## Problem to solve
From the entries below, reproduce exactly the line containing "line L6 (-70, 76) -> (70, 76) construction", the line containing "line L1 (45, 34) -> (45, 64)", and every line in between, with nothing added.

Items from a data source
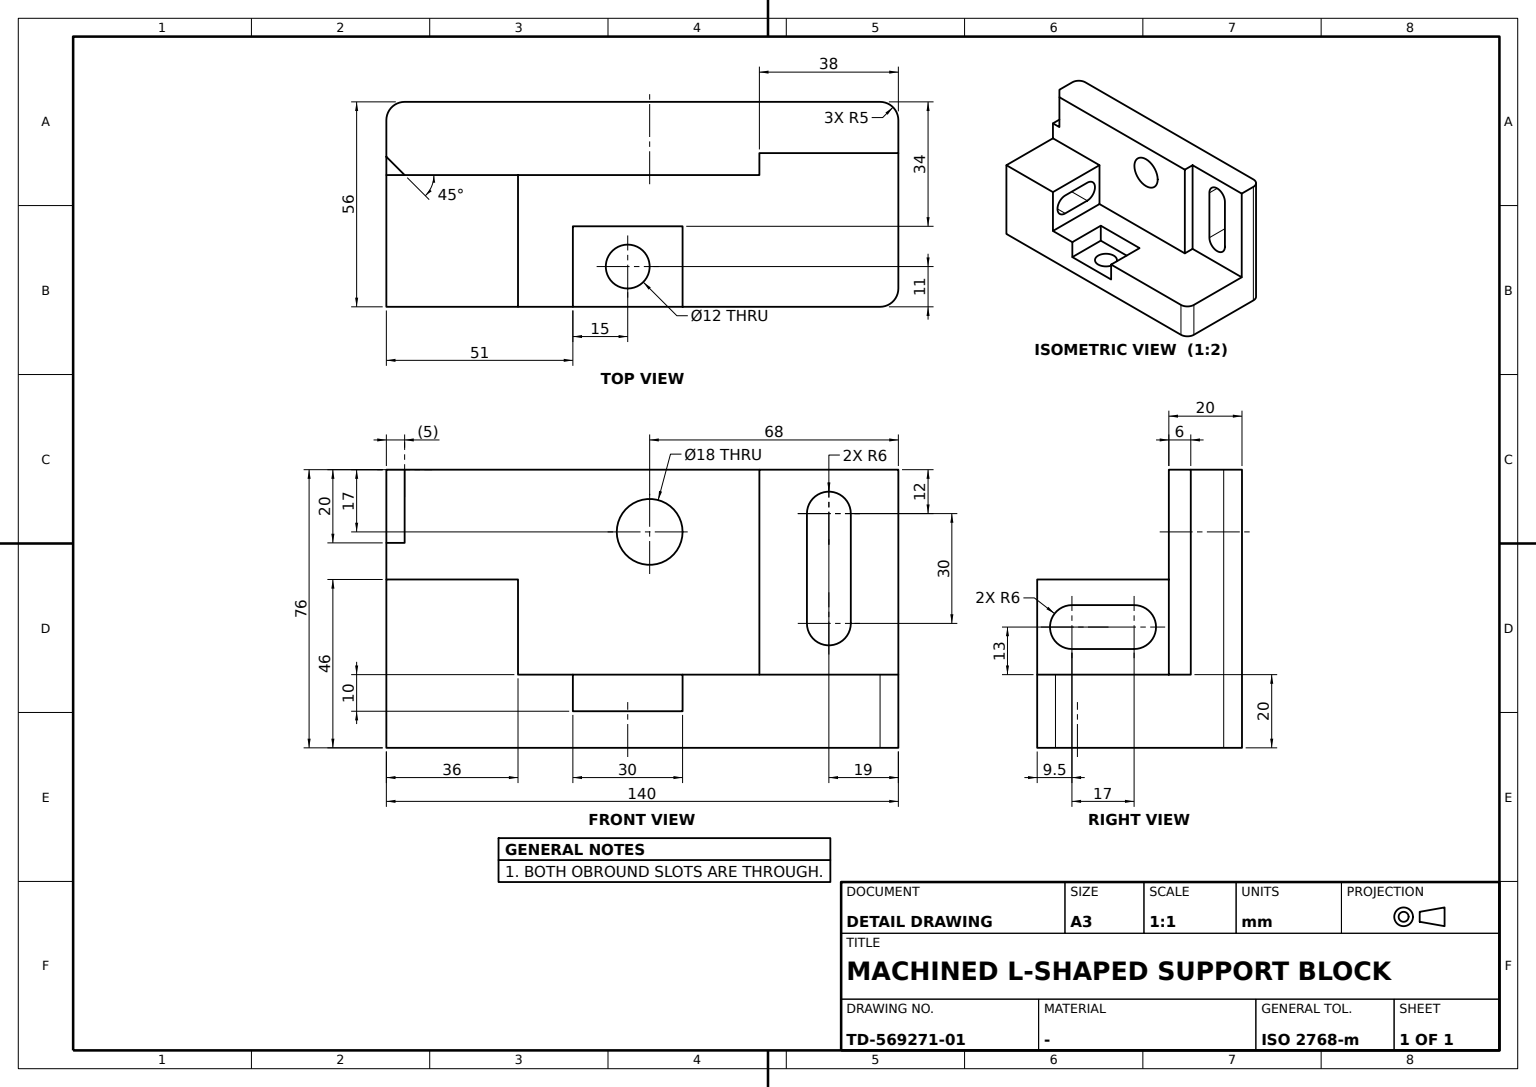
CATIA V5 part; units mm, degrees
sketch "Sketch1" plane through (0, 0, 0) normal (0, 1, 0) x (-1, 0, 0)
  line L0 (0, 0) -> (0, 76)
  point P0 (0, 76)
  line L1 (0, 76) -> (-20, 76)
  point P1 (0, 76)
  line L2 (0, 0) -> (-56, 0)
  line L3 (-56, 0) -> (-56, 20)
  line L4 (-20, 76) -> (-20, 20)
  line L5 (-56, 20) -> (-20, 20)
  dimension "length L0" = 76
  dimension "length L1" = 20
  dimension "length L2" = 56
  dimension "length L3" = 20
  constraint vertical L0 y-axis
  constraint vertical L3 y-axis
  constraint vertical L4 y-axis
  constraint horizontal L1 x-axis
  constraint horizontal L2 x-axis
  constraint horizontal L5 x-axis
  constraint coincidence P1 P0
extrude "Pad1" add sketch "Sketch1" along normal mid plane 140
sketch "Sketch2" plane through (20, 0, 0) normal (1, 0, 0) x (0, 1, 0)
  point P0 (51, 48)
  line L0 (70, 76) -> (70, 20)
  line L1 (70, 20) -> (32, 20)
  line L2 (32, 20) -> (32, 76)
  line L3 (32, 76) -> (70, 76)
  line L4 (70, 76) -> (70, 20) construction
  line L5 (-70, 20) -> (70, 20) construction
  line L6 (-70, 76) -> (70, 76) construction
  dimension "length L3" = 38
  constraint vertical L0 y-axis
  constraint vertical L2 y-axis
  constraint horizontal L1 x-axis
  constraint horizontal L3 x-axis
  constraint equidistance L0 L2 P0
  constraint equidistance L1 L3 P0
  constraint coincidence L0 L4
  constraint coincidence L1 L5
  constraint coincidence L3 L6
extrude "Pocket1" cut sketch "Sketch2" against normal blind 6
sketch "Sketch3" plane through (14, 0, 0) normal (1, 0, 0) x (0, 1, 0)
  point P0 (51, 49)
  line L0 (57, 64) -> (57, 34)
  line L1 (45, 34) -> (45, 64)
  point P1 (57, 34)
  point P2 (45, 34)
  line L2 (70, 20) -> (70, 76) construction
  arc A0 (45, 64) -> (57, 64) centre (51, 64) cw
  arc A1 (45, 34) -> (57, 34) centre (51, 34) ccw
  dimension "length L1" = 30
  dimension "distance P0 L2" = 19
  dimension "distance P1 P2" = 12
  constraint vertical L0 y-axis
  constraint vertical L1 y-axis
  constraint equidistance L0 L1 P0
  constraint tangency A0 L0
  constraint tangency A1 L0
extrude "Pocket2" cut sketch "Sketch3" against normal up to next
fillet "Fillet1" radius 5 1 edges at (56, 70, 10)
fillet "Fillet2" radius 5 1 edges at (0, 70, 38)
sketch "Sketch4" plane through (0, 0, 20) normal (0, 0, 1) x (1, 0, 0)
  point P0 (45, -4)
  line L0 (56, 11) -> (56, -19)
  line L1 (56, -19) -> (34, -19)
  line L2 (34, -19) -> (34, 11)
  line L3 (34, 11) -> (56, 11)
  line L4 (20, -70) -> (56, -70) construction
  line L5 (56, -70) -> (56, 70) construction
  dimension "distance L1 L4" = 51
  dimension "length L0" = 30
  dimension "length L3" = 22
  constraint vertical L0 y-axis
  constraint vertical L2 y-axis
  constraint horizontal L1 x-axis
  constraint horizontal L3 x-axis
  constraint equidistance L0 L2 P0
  constraint equidistance L1 L3 P0
  constraint coincidence L0 L5
extrude "Pocket3" cut sketch "Sketch4" against normal blind 10
sketch "Sketch5" plane through (0, 0, 10) normal (0, 0, 1) x (1, 0, 0)
  circle A0 centre (45, -4) radius 6
  point P0 (45, -4)
  line L0 (56, 11) -> (34, 11) construction
  line L1 (34, 11) -> (34, -19) construction
  dimension "radius A0" = 6
  dimension "distance P0 L0" = 15
  dimension "distance P0 L1" = 11
extrude "Pocket4" cut sketch "Sketch5" against normal blind 10
sketch "Sketch6" plane through (0, 0, 20) normal (0, 0, 1) x (1, 0, 0)
  point P0 (38, -52)
  line L0 (56, -34) -> (56, -70)
  line L1 (56, -70) -> (20, -70)
  line L2 (20, -70) -> (20, -34)
  line L3 (20, -34) -> (56, -34)
  line L4 (20, -70) -> (56, -70) construction
  line L5 (56, -70) -> (56, 70) construction
  dimension "length L1" = 36
  dimension "length L0" = 36
  constraint vertical L0 y-axis
  constraint vertical L2 y-axis
  constraint horizontal L1 x-axis
  constraint horizontal L3 x-axis
  constraint equidistance L0 L2 P0
  constraint equidistance L1 L3 P0
  constraint coincidence L1 L4
  constraint coincidence L0 L5
extrude "Pad2" add sketch "Sketch6" along normal blind 26
sketch "Sketch7" plane through (0, -34, 0) normal (0, 1, 0) x (-1, 0, 0)
  point P0 (-38, 33)
  line L0 (-29.5, 27) -> (-46.5, 27)
  line L1 (-46.5, 39) -> (-29.5, 39)
  point P1 (-29.5, 39)
  point P2 (-29.5, 27)
  line L2 (-56, 46) -> (-20, 46) construction
  line L3 (-20, 76) -> (-20, 20) construction
  arc A0 (-46.5, 39) -> (-46.5, 27) centre (-46.5, 33) ccw
  arc A1 (-29.5, 39) -> (-29.5, 27) centre (-29.5, 33) cw
  dimension "distance P0 L2" = 13
  dimension "length L0" = 17
  dimension "distance P0 L3" = 18
  dimension "distance P1 P2" = 12
  constraint horizontal L0 x-axis
  constraint horizontal L1 x-axis
  constraint equidistance L0 L1 P0
  constraint tangency A0 L0
  constraint tangency A1 L0
extrude "Pocket5" cut sketch "Sketch7" against normal up to next
fillet "Fillet3" radius 5 1 edges at (0, -70, 38)
chamfer "Chamfer1" distance 5 distance2 5 1 edges at (20, -70, 61)
sketch "Sketch8" plane through (20, 0, 0) normal (1, 0, 0) x (0, 1, 0)
  point P0 (-61.7562, 51)
  line L0 (-53.5124, 56) -> (-53.5124, 46)
  line L1 (-53.5124, 46) -> (-70, 46)
  line L2 (-70, 46) -> (-70, 56)
  line L3 (-70, 56) -> (-53.5124, 56)
  line L4 (-70, 46) -> (-34, 46) construction
  line L5 (-70, 76) -> (-70, 46) construction
  dimension "length L2" = 10
  constraint vertical L0 y-axis
  constraint vertical L2 y-axis
  constraint horizontal L1 x-axis
  constraint horizontal L3 x-axis
  constraint equidistance L0 L2 P0
  constraint equidistance L1 L3 P0
  constraint coincidence L1 L4
  constraint coincidence L2 L5
extrude "Pad3" add sketch "Sketch8" against normal blind 10
sketch "Sketch9" plane through (20, 0, 0) normal (1, 0, 0) x (0, 1, 0)
  circle A0 centre (2, 59) radius 9
  point P0 (2, 59)
  line L0 (32, 76) -> (32, 20) construction
  line L1 (-70, 76) -> (70, 76) construction
  dimension "distance P0 L0" = 30
  dimension "distance L1 P0" = 17
  dimension "radius A0" = 9
extrude "Pocket6" cut sketch "Sketch9" against normal up to next
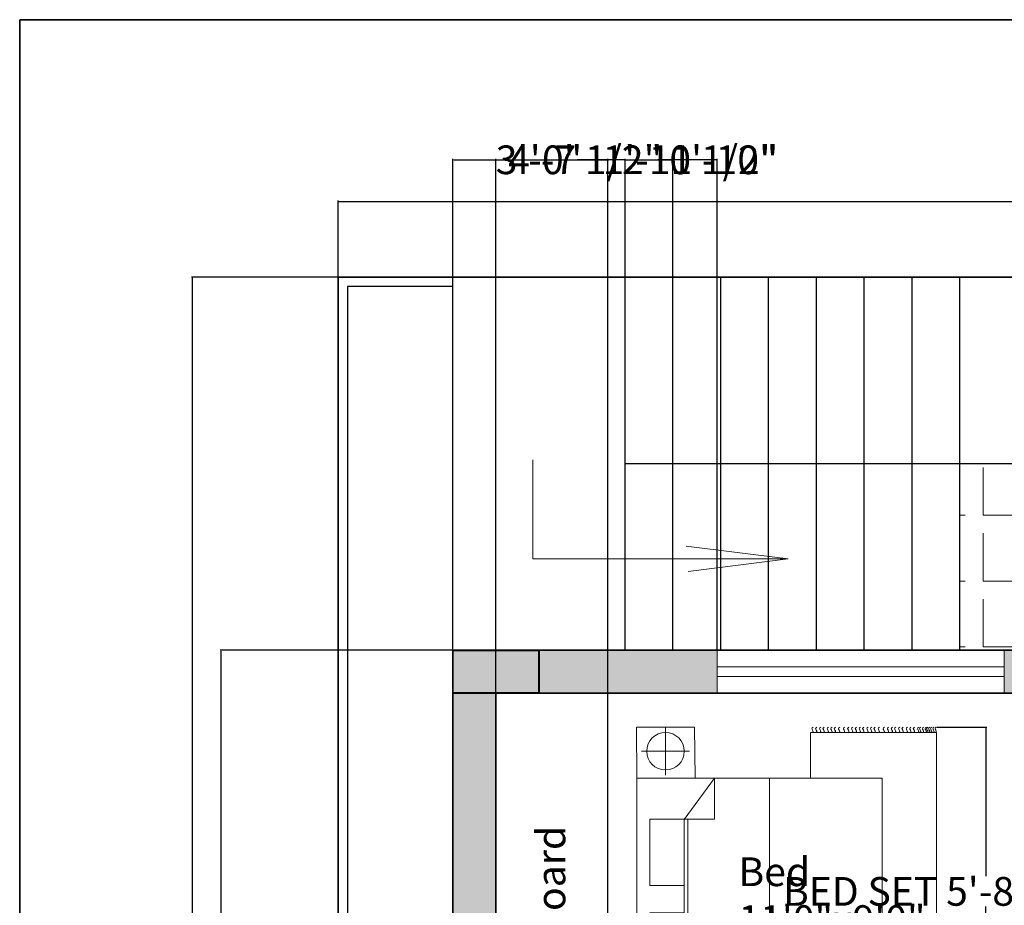
# Model space of a CAD drawing. Units: inches. Extents: x 56944 to 57417, y 173916 to 174454.
# Tile 7 of 8: x 56944 to 57149, y 174268 to 174454. Entities that reach past the tile are written whole.
import ezdxf

# ---------------------------------------------------------------- set-up
doc = ezdxf.new("R2010")
doc.units = ezdxf.units.IN
doc.header["$MEASUREMENT"] = 0
for name, color, linetype, lineweight in [('A-ANNO-DIMS', 2, 'Continuous', 18), ('A-ANNO-SYMB', 7, 'Continuous', 18), ('A-ANNO-TEXT', 7, 'Continuous', 18), ('A-ANNO-TTLB', 7, 'Continuous', 35), ('A-AREA-IDEN', 7, 'Continuous', 20), ('A-COLS', 7, 'Continuous', 40), ('A-COLS-PATT', 250, 'Continuous', 9), ('A-FLOR-CASE', 8, 'Continuous', 25), ('A-FLOR-STRS', 7, 'Continuous', 25), ('A-FURN', 8, 'Continuous', 18), ('A-GLAZ', 4, 'Continuous', 18), ('A-SITE-PATT', 8, 'Continuous', 9), ('A-SITE-WALL', 7, 'Continuous', 25), ('A-WALL', 7, 'Continuous', 35), ('A-WALL-PATT', 241, 'Continuous', 9), ('C-PROP', 7, 'Continuous', 35)]:
    doc.layers.add(name, color=color, linetype=linetype, lineweight=lineweight)
doc.styles.get("Standard").update_dxf_attribs({"font": 'arial.ttf'})
doc.dimstyles.get("Standard").update_dxf_attribs({"dimtxt": 6, "dimasz": 0.18, "dimexe": 0.18, "dimexo": 0.0625, "dimgap": 0.09, "dimtad": 0, "dimtih": 1, "dimtoh": 1, "dimdec": 1, "dimzin": 0, "dimdsep": 46, "dimlunit": 3, "dimtxsty": 'Standard', "dimcen": 0.09, "dimadec": 0, "dimazin": 0, "dimtfac": 1, "dimtdec": 1, "dimtofl": 0, "dimtmove": 0, "dimatfit": 3, "dimfxl": 1, "dimtolj": 1, "dimtzin": 0, "dimarcsym": 0})

# ---------------------------------------------------------------- blocks, each defined once
blk = doc.blocks.new('*D3')
at = {"layer": 'A-ANNO-DIMS', "color": 0, "lineweight": -2, "transparency": 16777216}
for p, q in [((57010.13, 174399.89), (57010.13, 174415.81)), ((57368.63, 174399.89), (57368.63, 174415.81)), ((57010.31, 174415.63), (57184.2, 174415.63)), ((57368.45, 174415.63), (57194.56, 174415.63))]:
    blk.add_line(p, q, dxfattribs=at)
at = {"layer": 'A-ANNO-DIMS', "color": 0, "transparency": 16777216}
for points in [[(57010.31, 174415.66), (57010.31, 174415.6), (57010.13, 174415.63)], [(57368.45, 174415.66), (57368.45, 174415.6), (57368.63, 174415.63)]]:
    blk.add_solid(points, dxfattribs=at)
at = {"layer": 'Defpoints', "color": 0, "transparency": 16777216}
for p in [(57368.63, 174415.63), (57010.13, 174399.82), (57368.63, 174399.82)]:
    blk.add_point(p, dxfattribs=at)
at = {"layer": 'A-ANNO-DIMS', "color": 0, "transparency": 16777216, "insert": (57189.38, 174415.63), "char_height": 6, "attachment_point": 5}
blk.add_mtext("\\A1;30'", dxfattribs=at)
blk = doc.blocks.new('*D4')
at = {"layer": 'A-ANNO-DIMS', "color": 0, "lineweight": -2, "transparency": 16777216}
for p, q in [((57010.07, 174399.82), (56979.48, 174399.82)), ((56979.66, 174399.64), (56979.66, 174183.23)), ((56979.66, 173960.5), (56979.66, 174176.92)), ((57010.07, 173960.32), (56979.48, 173960.32))]:
    blk.add_line(p, q, dxfattribs=at)
at = {"layer": 'A-ANNO-DIMS', "color": 0, "transparency": 16777216}
for points in [[(56979.63, 174399.64), (56979.69, 174399.64), (56979.66, 174399.82)], [(56979.63, 173960.5), (56979.69, 173960.5), (56979.66, 173960.32)]]:
    blk.add_solid(points, dxfattribs=at)
at = {"layer": 'Defpoints', "color": 0, "transparency": 16777216}
for p in [(57010.13, 174399.82), (56979.66, 173960.32), (57010.13, 173960.32)]:
    blk.add_point(p, dxfattribs=at)
at = {"layer": 'A-ANNO-DIMS', "color": 0, "transparency": 16777216, "insert": (56979.66, 174180.07), "char_height": 6, "width": 27.5975, "attachment_point": 5}
blk.add_mtext("\\A1;40'", dxfattribs=at)
blk = doc.blocks.new('BED-DOUBLE-WITH-NIGHTSTANDS')
for p, q in [((6.09, 68.68), (6.09, 58.62)), ((36.42, 67.59), (62.78, 67.59)), ((36.42, 58.05), (36.42, 67.59)), ((62.78, 67.59), (62.78, 4.35)), ((1.07, 63.65), (11.12, 63.65)), ((9.97, 49.39), (16.32, 58)), ((16.32, 49.44), (16.32, 58)), ((27.82, 58.05), (27.82, 10.63)), ((9.97, 49.44), (16.32, 49.44)), ((10.78, 49.44), (10.78, 10.63)), ((9.97, 49.39), (9.97, 10.63)), ((6.2, 10.63), (6.2, 0.57)), ((36.42, 4.35), (36.42, 10.65)), ((1.17, 5.6), (11.22, 5.6)), ((62.78, 4.35), (36.42, 4.35))]:
    blk.add_line(p, q)
for points in [[(12.29, 58.05), (12.19, 68.68), (0, 68.68), (0.1, 58.05)], [(0.1, 58.05), (51.42, 58.05), (51.42, 10.63), (0.1, 10.63)], [(2.8, 49.44), (9.97, 49.44), (9.97, 35.55), (2.8, 35.55)], [(2.8, 29.88), (9.97, 29.88), (9.97, 15.98), (2.8, 15.98)], [(12.39, 0), (12.29, 10.63), (0.1, 10.63), (0.21, 0)]]:
    blk.add_lwpolyline(points, close=True)
for centre in [(6.09, 63.65), (6.2, 5.6)]:
    blk.add_circle(centre, 3.92)
for points, knots in [([(36.95, 68.71), (36.83, 68.61), (36.59, 68.42), (36.83, 68.08), (37, 67.8), (36.89, 67.65), (36.85, 67.58)], [0, 0, 0, 0, 0.400747, 0.791423, 1.067667, 1.29709, 1.29709, 1.29709, 1.29709]), ([(37.73, 68.71), (37.61, 68.61), (37.37, 68.42), (37.61, 68.08), (37.78, 67.8), (37.67, 67.65), (37.62, 67.58)], [0, 0, 0, 0, 0.400747, 0.791423, 1.067667, 1.29709, 1.29709, 1.29709, 1.29709]), ([(38.54, 68.71), (38.42, 68.61), (38.18, 68.42), (38.42, 68.08), (38.59, 67.8), (38.49, 67.65), (38.44, 67.58)], [0, 0, 0, 0, 0.400747, 0.791423, 1.067667, 1.29709, 1.29709, 1.29709, 1.29709]), ([(39.27, 68.71), (39.15, 68.61), (38.91, 68.42), (39.15, 68.08), (39.32, 67.8), (39.22, 67.65), (39.17, 67.58)], [0, 0, 0, 0, 0.400747, 0.791423, 1.067667, 1.29709, 1.29709, 1.29709, 1.29709]), ([(40.15, 68.71), (40.03, 68.61), (39.79, 68.42), (40.03, 68.08), (40.2, 67.8), (40.1, 67.65), (40.05, 67.58)], [0, 0, 0, 0, 0.400747, 0.791423, 1.067667, 1.29709, 1.29709, 1.29709, 1.29709]), ([(40.91, 68.71), (40.78, 68.61), (40.54, 68.42), (40.78, 68.08), (40.96, 67.8), (40.85, 67.65), (40.8, 67.58)], [0, 0, 0, 0, 0.400747, 0.791423, 1.067667, 1.29709, 1.29709, 1.29709, 1.29709]), ([(41.63, 68.71), (41.51, 68.61), (41.27, 68.42), (41.51, 68.08), (41.68, 67.8), (41.58, 67.65), (41.53, 67.58)], [0, 0, 0, 0, 0.400747, 0.791423, 1.067667, 1.29709, 1.29709, 1.29709, 1.29709]), ([(42.52, 68.71), (42.39, 68.61), (42.15, 68.42), (42.39, 68.08), (42.57, 67.8), (42.46, 67.65), (42.41, 67.58)], [0, 0, 0, 0, 0.400747, 0.791423, 1.067667, 1.29709, 1.29709, 1.29709, 1.29709]), ([(43.55, 68.71), (43.43, 68.61), (43.19, 68.42), (43.43, 68.08), (43.6, 67.8), (43.5, 67.65), (43.45, 67.58)], [0, 0, 0, 0, 0.400747, 0.791423, 1.067667, 1.29709, 1.29709, 1.29709, 1.29709]), ([(44.43, 68.71), (44.31, 68.61), (44.07, 68.42), (44.31, 68.08), (44.49, 67.8), (44.38, 67.65), (44.33, 67.58)], [0, 0, 0, 0, 0.400747, 0.791423, 1.067667, 1.29709, 1.29709, 1.29709, 1.29709]), ([(45.25, 68.71), (45.13, 68.61), (44.89, 68.42), (45.13, 68.08), (45.3, 67.8), (45.2, 67.65), (45.15, 67.58)], [0, 0, 0, 0, 0.400747, 0.791423, 1.067667, 1.29709, 1.29709, 1.29709, 1.29709]), ([(46.03, 68.71), (45.91, 68.61), (45.67, 68.42), (45.91, 68.08), (46.08, 67.8), (45.97, 67.65), (45.92, 67.58)], [0, 0, 0, 0, 0.400747, 0.791423, 1.067667, 1.29709, 1.29709, 1.29709, 1.29709]), ([(46.84, 68.71), (46.72, 68.61), (46.48, 68.42), (46.72, 68.08), (46.9, 67.8), (46.79, 67.65), (46.74, 67.58)], [0, 0, 0, 0, 0.400747, 0.791423, 1.067667, 1.29709, 1.29709, 1.29709, 1.29709]), ([(47.57, 68.71), (47.45, 68.61), (47.21, 68.42), (47.45, 68.08), (47.62, 67.8), (47.52, 67.65), (47.47, 67.58)], [0, 0, 0, 0, 0.400747, 0.791423, 1.067667, 1.29709, 1.29709, 1.29709, 1.29709]), ([(48.45, 68.71), (48.33, 68.61), (48.09, 68.42), (48.33, 68.08), (48.51, 67.8), (48.4, 67.65), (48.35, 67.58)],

## Reply
  line L6 (-70, 76) -> (70, 76) construction
  dimension "length L3" = 38
  constraint vertical L0 y-axis
  constraint vertical L2 y-axis
  constraint horizontal L1 x-axis
  constraint horizontal L3 x-axis
  constraint equidistance L0 L2 P0
  constraint equidistance L1 L3 P0
  constraint coincidence L0 L4
  constraint coincidence L1 L5
  constraint coincidence L3 L6
extrude "Pocket1" cut sketch "Sketch2" against normal blind 6
sketch "Sketch3" plane through (14, 0, 0) normal (1, 0, 0) x (0, 1, 0)
  point P0 (51, 49)
  line L0 (57, 64) -> (57, 34)
  line L1 (45, 34) -> (45, 64)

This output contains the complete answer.